Your objective: Pictures in the records are to be excluded from an otherwise exact copy.

Source material:
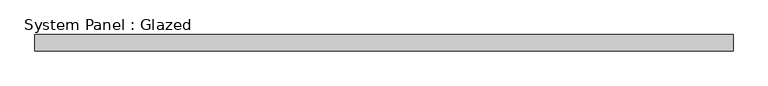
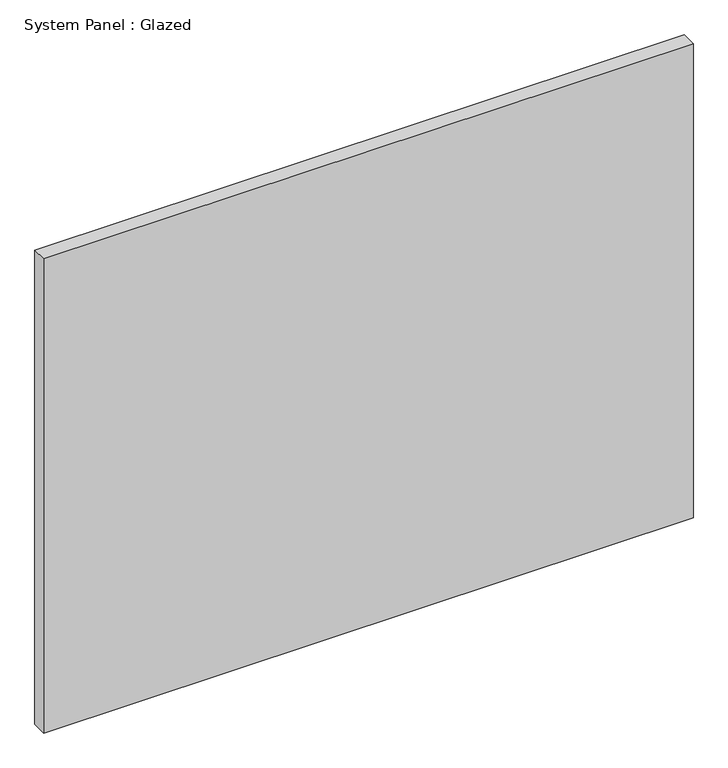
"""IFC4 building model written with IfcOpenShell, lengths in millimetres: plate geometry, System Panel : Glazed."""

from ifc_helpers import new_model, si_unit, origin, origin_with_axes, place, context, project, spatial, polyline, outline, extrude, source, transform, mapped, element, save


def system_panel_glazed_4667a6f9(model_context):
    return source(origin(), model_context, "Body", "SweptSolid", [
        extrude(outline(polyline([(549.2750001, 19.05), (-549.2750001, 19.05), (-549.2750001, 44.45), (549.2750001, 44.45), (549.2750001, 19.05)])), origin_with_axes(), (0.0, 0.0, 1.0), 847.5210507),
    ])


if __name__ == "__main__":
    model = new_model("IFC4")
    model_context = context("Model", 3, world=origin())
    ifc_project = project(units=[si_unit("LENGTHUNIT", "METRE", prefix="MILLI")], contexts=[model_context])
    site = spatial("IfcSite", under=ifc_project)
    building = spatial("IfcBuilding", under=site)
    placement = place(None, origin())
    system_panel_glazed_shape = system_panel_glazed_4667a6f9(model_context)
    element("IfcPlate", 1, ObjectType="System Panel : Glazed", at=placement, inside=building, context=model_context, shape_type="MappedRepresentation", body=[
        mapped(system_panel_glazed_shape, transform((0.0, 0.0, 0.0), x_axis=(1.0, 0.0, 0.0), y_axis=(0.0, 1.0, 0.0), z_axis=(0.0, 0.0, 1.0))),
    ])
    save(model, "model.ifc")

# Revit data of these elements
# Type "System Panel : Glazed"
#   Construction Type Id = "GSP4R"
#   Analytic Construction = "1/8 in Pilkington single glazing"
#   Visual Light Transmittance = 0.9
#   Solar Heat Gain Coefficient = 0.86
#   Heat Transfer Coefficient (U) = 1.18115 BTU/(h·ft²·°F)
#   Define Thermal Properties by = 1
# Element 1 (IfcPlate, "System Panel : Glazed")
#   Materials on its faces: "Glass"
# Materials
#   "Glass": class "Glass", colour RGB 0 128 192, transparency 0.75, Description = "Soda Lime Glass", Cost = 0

Output for this exercise:
"""IFC4 building model written with IfcOpenShell, lengths in millimetres: plate geometry, System Panel : Glazed."""

from ifc_helpers import new_model, si_unit, origin, origin_with_axes, place, context, project, spatial, polyline, outline, extrude, source, transform, mapped, element, save


def system_panel_glazed_4667a6f9(model_context):
    return source(origin(), model_context, "Body", "SweptSolid", [
        extrude(outline(polyline([(549.2750001, 19.05), (-549.2750001, 19.05), (-549.2750001, 44.45), (549.2750001, 44.45), (549.2750001, 19.05)])), origin_with_axes(), (0.0, 0.0, 1.0), 847.5210507),
    ])


if __name__ == "__main__":
    model = new_model("IFC4")
    model_context = context("Model", 3, world=origin())
    ifc_project = project(units=[si_unit("LENGTHUNIT", "METRE", prefix="MILLI")], contexts=[model_context])
    site = spatial("IfcSite", under=ifc_project)
    building = spatial("IfcBuilding", under=site)
    placement = place(None, origin())
    system_panel_glazed_shape = system_panel_glazed_4667a6f9(model_context)
    element("IfcPlate", 1, ObjectType="System Panel : Glazed", at=placement, inside=building, context=model_context, shape_type="MappedRepresentation", body=[
        mapped(system_panel_glazed_shape, transform((0.0, 0.0, 0.0), x_axis=(1.0, 0.0, 0.0), y_axis=(0.0, 1.0, 0.0), z_axis=(0.0, 0.0, 1.0))),
    ])
    save(model, "model.ifc")

# Revit data of these elements
# Type "System Panel : Glazed"
#   Construction Type Id = "GSP4R"
#   Analytic Construction = "1/8 in Pilkington single glazing"
#   Visual Light Transmittance = 0.9
#   Solar Heat Gain Coefficient = 0.86
#   Heat Transfer Coefficient (U) = 1.18115 BTU/(h·ft²·°F)
#   Define Thermal Properties by = 1
# Element 1 (IfcPlate, "System Panel : Glazed")
#   Materials on its faces: "Glass"
# Materials
#   "Glass": class "Glass", colour RGB 0 128 192, transparency 0.75, Description = "Soda Lime Glass", Cost = 0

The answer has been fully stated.